* Provided data
╔══
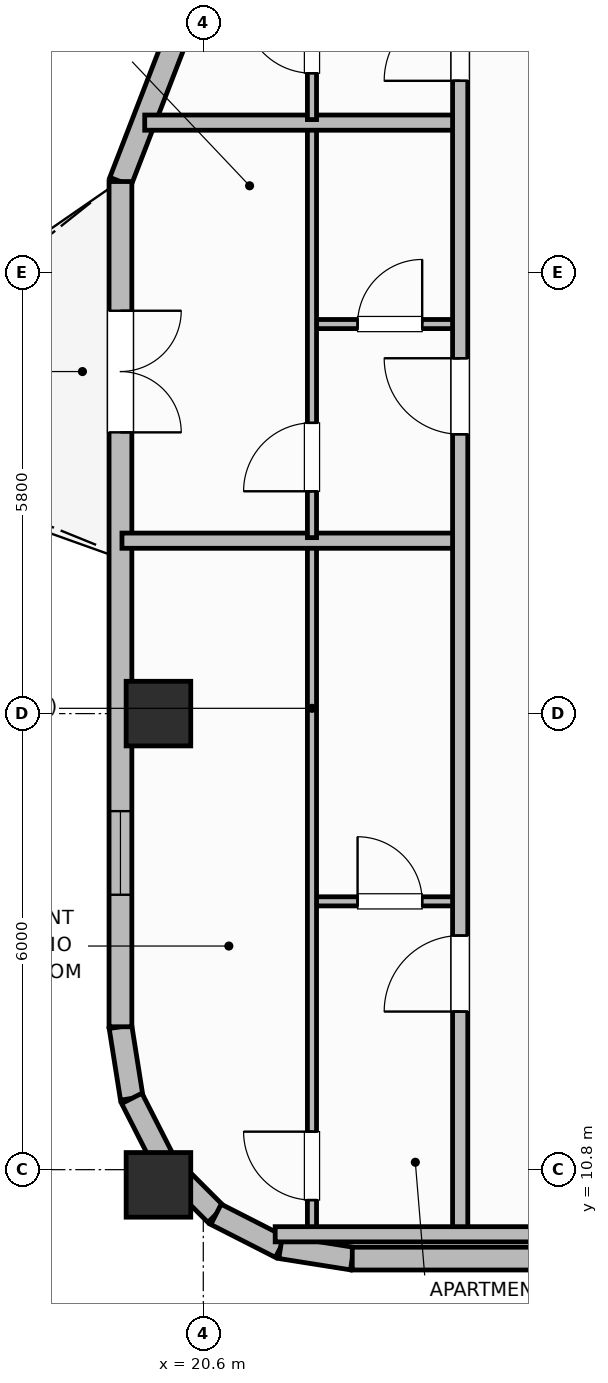
"""IFC4 building model, lengths in metres.
Left out: names, types, materials, properties, quantities, classifications, styles, units other than length and angle.
Written with IfcOpenShell. Run it as: python <this file> out.ifc"""

import sys

from ifc_helpers import new_model, si_unit, direction, frame, frame_2d, origin, origin_2d, place, context, subcontext, project, spatial, rectangle, extrude, element, fill, save


model = new_model("IFC4")
c1 = context("Model", 3, precision=1e-05, world=origin(), true_north=direction((0.0, 1.0)))
c2 = subcontext(c1, "Body", "Model", "MODEL_VIEW")
j1 = project(units=[si_unit("LENGTHUNIT", "METRE"), si_unit("PLANEANGLEUNIT", "RADIAN")], contexts=[c1])
p1 = place(None, origin())
s1 = spatial("IfcSite", under=j1, at=p1, CompositionType="ELEMENT")
p2 = place(p1, origin())
s2 = spatial("IfcBuilding", under=s1, at=p2, CompositionType="ELEMENT")
p3 = place(p2, frame((0.0, 0.0, 233.2)))
s3 = spatial("IfcBuildingStorey", under=s2, at=p3, CompositionType="ELEMENT", Elevation=233.2)
for number, where, z_axis, x_axis in (
    (1, (20.01, 10.6, 0.0), (0.0, 0.0, 1.0), (1.0, 0.0, 0.0)),
    (2, (20.01, 16.8, 0.0), (0.0, 0.0, 1.0), (1.0, 0.0, 0.0)),
):
    element("IfcColumn", number, at=place(p3, frame(where, z_axis=z_axis, x_axis=x_axis)), inside=s3, PredefinedType="COLUMN", context=c2, shape_type="SweptSolid", body=[
        extrude(rectangle(XDim=0.85, YDim=0.85, at=origin_2d()), origin(), (0.0, 0.0, 1.0), 3.7),
    ])
p4 = place(p3, frame((19.51, 12.68, 0.0), z_axis=(0.0, 0.0, 1.0), x_axis=(0.156343617883, -0.987702725088, 0.0)))
e3 = element("IfcWall", 3, at=p4, inside=s3, PredefinedType="SOLIDWALL", context=c2, shape_type="SweptSolid", body=[
    extrude(rectangle(XDim=0.954, YDim=0.3, at=frame_2d((0.477, 0.0))), origin(), (0.0, 0.0, 1.0), 2.73),
])
for number, where, z_axis, x_axis in (
    (4, (19.659, 11.738, 0.0), (0.0, 0.0, 1.0), (0.454, -0.891, 0.0)),
    (5, (20.093, 10.887, 0.0), (0.0, 0.0, 1.0), (0.707, -0.707, 0.0)),
):
    element("IfcWall", number, at=place(p3, frame(where, z_axis=z_axis, x_axis=x_axis)), inside=s3, PredefinedType="SOLIDWALL", context=c2, shape_type="SweptSolid", body=[
        extrude(rectangle(XDim=0.954, YDim=0.3, at=frame_2d((0.477, 0.0))), origin(), (0.0, 0.0, 1.0), 2.73),
    ])
p5 = place(p3, frame((20.767, 10.212, 0.0), z_axis=(0.0, 0.0, 1.0), x_axis=(0.891023873617, -0.45395644796, 0.0)))
e6 = element("IfcWall", 6, at=p5, inside=s3, PredefinedType="SOLIDWALL", context=c2, shape_type="SweptSolid", body=[
    extrude(rectangle(XDim=0.954, YDim=0.3, at=frame_2d((0.477, 0.0))), origin(), (0.0, 0.0, 1.0), 2.73),
])
p6 = place(p3, frame((21.617, 9.779, 0.0), z_axis=(0.0, 0.0, 1.0), x_axis=(0.987669453596, -0.156553666304, 0.0)))
e7 = element("IfcWall", 7, at=p6, inside=s3, PredefinedType="SOLIDWALL", context=c2, shape_type="SweptSolid", body=[
    extrude(rectangle(XDim=0.954, YDim=0.3, at=frame_2d((0.477, 0.0))), origin(), (0.0, 0.0, 1.0), 2.73),
])
p7 = place(p3, frame((22.56, 9.63, 0.0), z_axis=(0.0, 0.0, 1.0), x_axis=(1.0, 0.0, 0.0)))
e8 = element("IfcWall", 8, at=p7, inside=s3, PredefinedType="SOLIDWALL", context=c2, shape_type="SweptSolid", body=[
    extrude(rectangle(XDim=33.28, YDim=0.3, at=frame_2d((16.64, 0.0))), origin(), (0.0, 0.0, 1.0), 2.73),
])
p8 = place(p7, frame((4.461, 0.0, 0.95)))
e9 = element("IfcOpeningElement", 9, at=p8, cuts=e8, PredefinedType="OPENING", context=c2, shape_type="SweptSolid", body=[
    extrude(rectangle(XDim=1.1, YDim=1.65, at=frame_2d((0.55, 0.825))), frame((0.0, 0.16, 0.0), z_axis=(0.0, -1.0, 0.0), x_axis=(1.0, 0.0, 0.0)), (0.0, 0.0, 1.0), 0.32),
])
p9 = place(p7, frame((7.368, 0.0, 0.95)))
e10 = element("IfcOpeningElement", 10, at=p9, cuts=e8, PredefinedType="OPENING", context=c2, shape_type="SweptSolid", body=[
    extrude(rectangle(XDim=1.1, YDim=1.65, at=frame_2d((0.55, 0.825))), frame((0.0, 0.16, 0.0), z_axis=(0.0, -1.0, 0.0), x_axis=(1.0, 0.0, 0.0)), (0.0, 0.0, 1.0), 0.32),
])
p10 = place(p7, frame((10.275, 0.0, 0.95)))
e11 = element("IfcOpeningElement", 11, at=p10, cuts=e8, PredefinedType="OPENING", context=c2, shape_type="SweptSolid", body=[
    extrude(rectangle(XDim=1.1, YDim=1.65, at=frame_2d((0.55, 0.825))), frame((0.0, 0.16, 0.0), z_axis=(0.0, -1.0, 0.0), x_axis=(1.0, 0.0, 0.0)), (0.0, 0.0, 1.0), 0.32),
])
p11 = place(p7, frame((13.883, 0.0, 0.95)))
e12 = element("IfcOpeningElement", 12, at=p11, cuts=e8, PredefinedType="OPENING", context=c2, shape_type="SweptSolid", body=[
    extrude(rectangle(XDim=1.1, YDim=1.65, at=frame_2d((0.55, 0.825))), frame((0.0, 0.16, 0.0), z_axis=(0.0, -1.0, 0.0), x_axis=(1.0, 0.0, 0.0)), (0.0, 0.0, 1.0), 0.32),
])
p12 = place(p7, frame((16.09, 0.0, 0.95)))
e13 = element("IfcOpeningElement", 13, at=p12, cuts=e8, PredefinedType="OPENING", context=c2, shape_type="SweptSolid", body=[
    extrude(rectangle(XDim=1.1, YDim=1.65, at=frame_2d((0.55, 0.825))), frame((0.0, 0.16, 0.0), z_axis=(0.0, -1.0, 0.0), x_axis=(1.0, 0.0, 0.0)), (0.0, 0.0, 1.0), 0.32),
])
p13 = place(p7, frame((18.297, 0.0, 0.95)))
e14 = element("IfcOpeningElement", 14, at=p13, cuts=e8, PredefinedType="OPENING", context=c2, shape_type="SweptSolid", body=[
    extrude(rectangle(XDim=1.1, YDim=1.65, at=frame_2d((0.55, 0.825))), frame((0.0, 0.16, 0.0), z_axis=(0.0, -1.0, 0.0), x_axis=(1.0, 0.0, 0.0)), (0.0, 0.0, 1.0), 0.32),
])
p14 = place(p7, frame((21.905, 0.0, 0.95)))
e15 = element("IfcOpeningElement", 15, at=p14, cuts=e8, PredefinedType="OPENING", context=c2, shape_type="SweptSolid", body=[
    extrude(rectangle(XDim=1.1, YDim=1.65, at=frame_2d((0.55, 0.825))), frame((0.0, 0.16, 0.0), z_axis=(0.0, -1.0, 0.0), x_axis=(1.0, 0.0, 0.0)), (0.0, 0.0, 1.0), 0.32),
])
p15 = place(p7, frame((24.812, 0.0, 0.95)))
e16 = element("IfcOpeningElement", 16, at=p15, cuts=e8, PredefinedType="OPENING", context=c2, shape_type="SweptSolid", body=[
    extrude(rectangle(XDim=1.1, YDim=1.65, at=frame_2d((0.55, 0.825))), frame((0.0, 0.16, 0.0), z_axis=(0.0, -1.0, 0.0), x_axis=(1.0, 0.0, 0.0)), (0.0, 0.0, 1.0), 0.32),
])
p16 = place(p7, frame((27.719, 0.0, 0.95)))
e17 = element("IfcOpeningElement", 17, at=p16, cuts=e8, PredefinedType="OPENING", context=c2, shape_type="SweptSolid", body=[
    extrude(rectangle(XDim=1.1, YDim=1.65, at=frame_2d((0.55, 0.825))), frame((0.0, 0.16, 0.0), z_axis=(0.0, -1.0, 0.0), x_axis=(1.0, 0.0, 0.0)), (0.0, 0.0, 1.0), 0.32),
])
p17 = place(p3, frame((20.36, 26.0, 0.0), z_axis=(0.0, 0.0, 1.0), x_axis=(-0.360442266984, -0.932781524351, 0.0)))
e18 = element("IfcWall", 18, at=p17, inside=s3, PredefinedType="SOLIDWALL", context=c2, shape_type="SweptSolid", body=[
    extrude(rectangle(XDim=2.358, YDim=0.3, at=frame_2d((1.179, 0.0))), origin(), (0.0, 0.0, 1.0), 2.73),
])
p18 = place(p3, frame((19.51, 23.8, 0.0), z_axis=(0.0, 0.0, 1.0), x_axis=(0.0, -1.0, 0.0)))
e19 = element("IfcWall", 19, at=p18, inside=s3, PredefinedType="SOLIDWALL", context=c2, shape_type="SweptSolid", body=[
    extrude(rectangle(XDim=11.12, YDim=0.3, at=frame_2d((5.56, 0.0))), origin(), (0.0, 0.0, 1.0), 2.73),
])
p19 = place(p18, frame((1.7, 0.0, 0.0)))
e20 = element("IfcOpeningElement", 20, at=p19, cuts=e19, PredefinedType="OPENING", context=c2, shape_type="SweptSolid", body=[
    extrude(rectangle(XDim=1.6, YDim=2.1, at=frame_2d((0.8, 1.05))), frame((0.0, 0.16, 0.0), z_axis=(0.0, -1.0, 0.0), x_axis=(1.0, 0.0, 0.0)), (0.0, 0.0, 1.0), 0.32),
])
p20 = place(p18, frame((8.283, 0.0, 0.95)))
e21 = element("IfcOpeningElement", 21, at=p20, cuts=e19, PredefinedType="OPENING", context=c2, shape_type="SweptSolid", body=[
    extrude(rectangle(XDim=1.1, YDim=1.65, at=frame_2d((0.55, 0.825))), frame((0.0, 0.16, 0.0), z_axis=(0.0, -1.0, 0.0), x_axis=(1.0, 0.0, 0.0)), (0.0, 0.0, 1.0), 0.32),
])
p21 = place(p3, frame((22.03, 14.33, 0.0), z_axis=(0.0, 0.0, 1.0), x_axis=(1.0, 0.0, 0.0)))
e22 = element("IfcWall", 22, at=p21, inside=s3, PredefinedType="PARTITIONING", context=c2, shape_type="SweptSolid", body=[
    extrude(rectangle(XDim=1.95, YDim=0.12, at=frame_2d((0.975, 0.0))), origin(), (0.0, 0.0, 1.0), 2.56),
])
p22 = place(p21, frame((0.6, 0.0, 0.0)))
e23 = element("IfcOpeningElement", 23, at=p22, cuts=e22, PredefinedType="OPENING", context=c2, shape_type="SweptSolid", body=[
    extrude(rectangle(XDim=0.85, YDim=2.1, at=frame_2d((0.425, 1.05))), frame((0.0, 0.07, 0.0), z_axis=(0.0, -1.0, 0.0), x_axis=(1.0, 0.0, 0.0)), (0.0, 0.0, 1.0), 0.14),
])
p23 = place(p3, frame((22.03, 9.99, 0.0), z_axis=(0.0, 0.0, 1.0), x_axis=(0.0, 1.0, 0.0)))
e24 = element("IfcWall", 24, at=p23, inside=s3, PredefinedType="PARTITIONING", context=c2, shape_type="SweptSolid", body=[
    extrude(rectangle(XDim=9.045, YDim=0.12, at=frame_2d((4.522, 0.0))), origin(), (0.0, 0.0, 1.0), 2.56),
])
p24 = place(p23, frame((0.41, 0.0, 0.0)))
e25 = element("IfcOpeningElement", 25, at=p24, cuts=e24, PredefinedType="OPENING", context=c2, shape_type="SweptSolid", body=[
    extrude(rectangle(XDim=0.9, YDim=2.1, at=frame_2d((0.45, 1.05))), frame((0.0, 0.07, 0.0), z_axis=(0.0, -1.0, 0.0), x_axis=(1.0, 0.0, 0.0)), (0.0, 0.0, 1.0), 0.14),
])
p25 = place(p3, frame((19.53, 19.075, 0.0), z_axis=(0.0, 0.0, 1.0), x_axis=(1.0, 0.0, 0.0)))
e26 = element("IfcWall", 26, at=p25, inside=s3, PredefinedType="PARTITIONING", context=c2, shape_type="SweptSolid", body=[
    extrude(rectangle(XDim=4.45, YDim=0.2, at=frame_2d((2.225, 0.0))), origin(), (0.0, 0.0, 1.0), 2.56),
])
p26 = place(p3, frame((22.03, 21.925, 0.0), z_axis=(0.0, 0.0, 1.0), x_axis=(1.0, 0.0, 0.0)))
e27 = element("IfcWall", 27, at=p26, inside=s3, PredefinedType="PARTITIONING", context=c2, shape_type="SweptSolid", body=[
    extrude(rectangle(XDim=1.95, YDim=0.12, at=frame_2d((0.975, 0.0))), origin(), (0.0, 0.0, 1.0), 2.56),
])
p27 = place(p26, frame((0.6, 0.0, 0.0)))
e28 = element("IfcOpeningElement", 28, at=p27, cuts=e27, PredefinedType="OPENING", context=c2, shape_type="SweptSolid", body=[
    extrude(rectangle(XDim=0.85, YDim=2.1, at=frame_2d((0.425, 1.05))), frame((0.0, 0.07, 0.0), z_axis=(0.0, -1.0, 0.0), x_axis=(1.0, 0.0, 0.0)), (0.0, 0.0, 1.0), 0.14),
])
p28 = place(p3, frame((22.03, 19.115, 0.0), z_axis=(0.0, 0.0, 1.0), x_axis=(0.0, 1.0, 0.0)))
e29 = element("IfcWall", 29, at=p28, inside=s3, PredefinedType="PARTITIONING", context=c2, shape_type="SweptSolid", body=[
    extrude(rectangle(XDim=5.42, YDim=0.12, at=frame_2d((2.71, 0.0))), origin(), (0.0, 0.0, 1.0), 2.56),
])
p29 = place(p28, frame((0.61, 0.0, 0.0)))
e30 = element("IfcOpeningElement", 30, at=p29, cuts=e29, PredefinedType="OPENING", context=c2, shape_type="SweptSolid", body=[
    extrude(rectangle(XDim=0.9, YDim=2.1, at=frame_2d((0.45, 1.05))), frame((0.0, 0.07, 0.0), z_axis=(0.0, -1.0, 0.0), x_axis=(1.0, 0.0, 0.0)), (0.0, 0.0, 1.0), 0.14),
])
p30 = place(p3, frame((19.829, 24.575, 0.0), z_axis=(0.0, 0.0, 1.0), x_axis=(1.0, 0.0, 0.0)))
e31 = element("IfcWall", 31, at=p30, inside=s3, PredefinedType="PARTITIONING", context=c2, shape_type="SweptSolid", body=[
    extrude(rectangle(XDim=4.151, YDim=0.2, at=frame_2d((2.075, 0.0))), origin(), (0.0, 0.0, 1.0), 2.56),
])
p31 = place(p3, frame((22.03, 24.615, 0.0), z_axis=(0.0, 0.0, 1.0), x_axis=(0.0, 1.0, 0.0)))
e32 = element("IfcWall", 32, at=p31, inside=s3, PredefinedType="PARTITIONING", context=c2, shape_type="SweptSolid", body=[
    extrude(rectangle(XDim=12.67, YDim=0.12, at=frame_2d((6.335, 0.0))), origin(), (0.0, 0.0, 1.0), 2.56),
])
p32 = place(p31, frame((0.61, 0.0, 0.0)))
e33 = element("IfcOpeningElement", 33, at=p32, cuts=e32, PredefinedType="OPENING", context=c2, shape_type="SweptSolid", body=[
    extrude(rectangle(XDim=0.9, YDim=2.1, at=frame_2d((0.45, 1.05))), frame((0.0, 0.07, 0.0), z_axis=(0.0, -1.0, 0.0), x_axis=(1.0, 0.0, 0.0)), (0.0, 0.0, 1.0), 0.14),
])
p33 = place(p31, frame((10.51, 0.0, 0.0)))
e34 = element("IfcOpeningElement", 34, at=p33, cuts=e32, PredefinedType="OPENING", context=c2, shape_type="SweptSolid", body=[
    extrude(rectangle(XDim=0.82, YDim=2.08, at=frame_2d((0.41, 1.04))), frame((0.0, 0.07, 0.0), z_axis=(0.0, -1.0, 0.0), x_axis=(1.0, 0.0, 0.0)), (0.0, 0.0, 1.0), 0.14),
])
p34 = place(p3, frame((23.98, 9.95, 0.0), z_axis=(0.0, 0.0, 1.0), x_axis=(0.0, 1.0, 0.0)))
e35 = element("IfcWall", 35, at=p34, inside=s3, PredefinedType="PARTITIONING", context=c2, shape_type="SweptSolid", body=[
    extrude(rectangle(XDim=36.5, YDim=0.2, at=frame_2d((18.25, 0.0))), origin(), (0.0, 0.0, 1.0), 2.56),
])
p35 = place(p34, frame((2.93, 0.0, 0.0)))
e36 = element("IfcOpeningElement", 36, at=p35, cuts=e35, PredefinedType="OPENING", context=c2, shape_type="SweptSolid", body=[
    extrude(rectangle(XDim=1.0, YDim=2.15, at=frame_2d((0.5, 1.075))), frame((0.0, 0.11, 0.0), z_axis=(0.0, -1.0, 0.0), x_axis=(1.0, 0.0, 0.0)), (0.0, 0.0, 1.0), 0.22),
])
p36 = place(p34, frame((10.525, 0.0, 0.0)))
e37 = element("IfcOpeningElement", 37, at=p36, cuts=e35, PredefinedType="OPENING", context=c2, shape_type="SweptSolid", body=[
    extrude(rectangle(XDim=1.0, YDim=2.15, at=frame_2d((0.5, 1.075))), frame((0.0, 0.11, 0.0), z_axis=(0.0, -1.0, 0.0), x_axis=(1.0, 0.0, 0.0)), (0.0, 0.0, 1.0), 0.22),
])
p37 = place(p34, frame((15.175, 0.0, 0.0)))
e38 = element("IfcOpeningElement", 38, at=p37, cuts=e35, PredefinedType="OPENING", context=c2, shape_type="SweptSolid", body=[
    extrude(rectangle(XDim=1.0, YDim=2.15, at=frame_2d((0.5, 1.075))), frame((0.0, 0.11, 0.0), z_axis=(0.0, -1.0, 0.0), x_axis=(1.0, 0.0, 0.0)), (0.0, 0.0, 1.0), 0.22),
])
p38 = place(p34, frame((27.925, 0.0, 0.0)))
e39 = element("IfcOpeningElement", 39, at=p38, cuts=e35, PredefinedType="OPENING", context=c2, shape_type="SweptSolid", body=[
    extrude(rectangle(XDim=1.0, YDim=2.15, at=frame_2d((0.5, 1.075))), frame((0.0, 0.11, 0.0), z_axis=(0.0, -1.0, 0.0), x_axis=(1.0, 0.0, 0.0)), (0.0, 0.0, 1.0), 0.22),
])
p39 = place(p3, frame((21.546, 9.95, 0.0), z_axis=(0.0, 0.0, 1.0), x_axis=(1.0, 0.0, 0.0)))
e40 = element("IfcWall", 40, at=p39, inside=s3, PredefinedType="PARTITIONING", context=c2, shape_type="SweptSolid", body=[
    extrude(rectangle(XDim=3.754, YDim=0.2, at=frame_2d((1.877, 0.0))), origin(), (0.0, 0.0, 1.0), 2.56),
])
p40 = place(p19, origin())
e41 = element("IfcDoor", 41, at=p40, inside=s3, OperationType="DOUBLE_DOOR_SINGLE_SWING", PredefinedType="DOOR", context=c2, shape_type="SweptSolid", body=[
    extrude(rectangle(XDim=1.6, YDim=2.1, at=frame_2d((0.8, 1.05))), frame((0.0, 0.025, 0.0), z_axis=(0.0, -1.0, 0.0), x_axis=(1.0, 0.0, 0.0)), (0.0, 0.0, 1.0), 0.05),
])
fill(e20, e41)
p41 = place(p20, origin())
e42 = element("IfcWindow", 42, at=p41, inside=s3, PartitioningType="SINGLE_PANEL", PredefinedType="WINDOW", context=c2, shape_type="SweptSolid", body=[
    extrude(rectangle(XDim=1.1, YDim=1.65, at=frame_2d((0.55, 0.825))), frame((0.0, 0.03, 0.0), z_axis=(0.0, -1.0, 0.0), x_axis=(1.0, 0.0, 0.0)), (0.0, 0.0, 1.0), 0.06),
])
fill(e21, e42)
p42 = place(p22, origin())
e43 = element("IfcDoor", 43, at=p42, inside=s3, OperationType="SINGLE_SWING_LEFT", PredefinedType="DOOR", context=c2, shape_type="SweptSolid", body=[
    extrude(rectangle(XDim=0.85, YDim=2.1, at=frame_2d((0.425, 1.05))), frame((0.0, 0.025, 0.0), z_axis=(0.0, -1.0, 0.0), x_axis=(1.0, 0.0, 0.0)), (0.0, 0.0, 1.0), 0.05),
])
fill(e23, e43)
p43 = place(p24, origin())
e44 = element("IfcDoor", 44, at=p43, inside=s3, OperationType="SINGLE_SWING_RIGHT", PredefinedType="DOOR", context=c2, shape_type="SweptSolid", body=[
    extrude(rectangle(XDim=0.9, YDim=2.1, at=frame_2d((0.45, 1.05))), frame((0.0, 0.025, 0.0), z_axis=(0.0, -1.0, 0.0), x_axis=(1.0, 0.0, 0.0)), (0.0, 0.0, 1.0), 0.05),
])
fill(e25, e44)
p44 = place(p27, origin())
e45 = element("IfcDoor", 45, at=p44, inside=s3, OperationType="SINGLE_SWING_RIGHT", PredefinedType="DOOR", context=c2, shape_type="SweptSolid", body=[
    extrude(rectangle(XDim=0.85, YDim=2.1, at=frame_2d((0.425, 1.05))), frame((0.0, 0.025, 0.0), z_axis=(0.0, -1.0, 0.0), x_axis=(1.0, 0.0, 0.0)), (0.0, 0.0, 1.0), 0.05),
])
fill(e28, e45)
p45 = place(p29, origin())
e46 = element("IfcDoor", 46, at=p45, inside=s3, OperationType="SINGLE_SWING_LEFT", PredefinedType="DOOR", context=c2, shape_type="SweptSolid", body=[
    extrude(rectangle(XDim=0.9, YDim=2.1, at=frame_2d((0.45, 1.05))), frame((0.0, 0.025, 0.0), z_axis=(0.0, -1.0, 0.0), x_axis=(1.0, 0.0, 0.0)), (0.0, 0.0, 1.0), 0.05),
])
fill(e30, e46)
p46 = place(p32, origin())
e47 = element("IfcDoor", 47, at=p46, inside=s3, OperationType="SINGLE_SWING_RIGHT", PredefinedType="DOOR", context=c2, shape_type="SweptSolid", body=[
    extrude(rectangle(XDim=0.9, YDim=2.1, at=frame_2d((0.45, 1.05))), frame((0.0, 0.025, 0.0), z_axis=(0.0, -1.0, 0.0), x_axis=(1.0, 0.0, 0.0)), (0.0, 0.0, 1.0), 0.05),
])
fill(e33, e47)
p47 = place(p35, origin())
e48 = element("IfcDoor", 48, at=p47, inside=s3, OperationType="SINGLE_SWING_LEFT", PredefinedType="DOOR", context=c2, shape_type="SweptSolid", body=[
    extrude(rectangle(XDim=1.0, YDim=2.15, at=frame_2d((0.5, 1.075))), frame((0.0, 0.025, 0.0), z_axis=(0.0, -1.0, 0.0), x_axis=(1.0, 0.0, 0.0)), (0.0, 0.0, 1.0), 0.05),
])
fill(e36, e48)
p48 = place(p36, origin())
e49 = element("IfcDoor", 49, at=p48, inside=s3, OperationType="SINGLE_SWING_RIGHT", PredefinedType="DOOR", context=c2, shape_type="SweptSolid", body=[
    extrude(rectangle(XDim=1.0, YDim=2.15, at=frame_2d((0.5, 1.075))), frame((0.0, 0.025, 0.0), z_axis=(0.0, -1.0, 0.0), x_axis=(1.0, 0.0, 0.0)), (0.0, 0.0, 1.0), 0.05),
])
fill(e37, e49)
p49 = place(p37, origin())
e50 = element("IfcDoor", 50, at=p49, inside=s3, OperationType="SINGLE_SWING_LEFT", PredefinedType="DOOR", context=c2, shape_type="SweptSolid", body=[
    extrude(rectangle(XDim=1.0, YDim=2.15, at=frame_2d((0.5, 1.075))), frame((0.0, 0.025, 0.0), z_axis=(0.0, -1.0, 0.0), x_axis=(1.0, 0.0, 0.0)), (0.0, 0.0, 1.0), 0.05),
])
fill(e38, e50)
save(model, sys.argv[1])
╚══
* What is required
Your reply must consist of one number, the count of lines in the entries that hold "project".

* Output for this exercise
2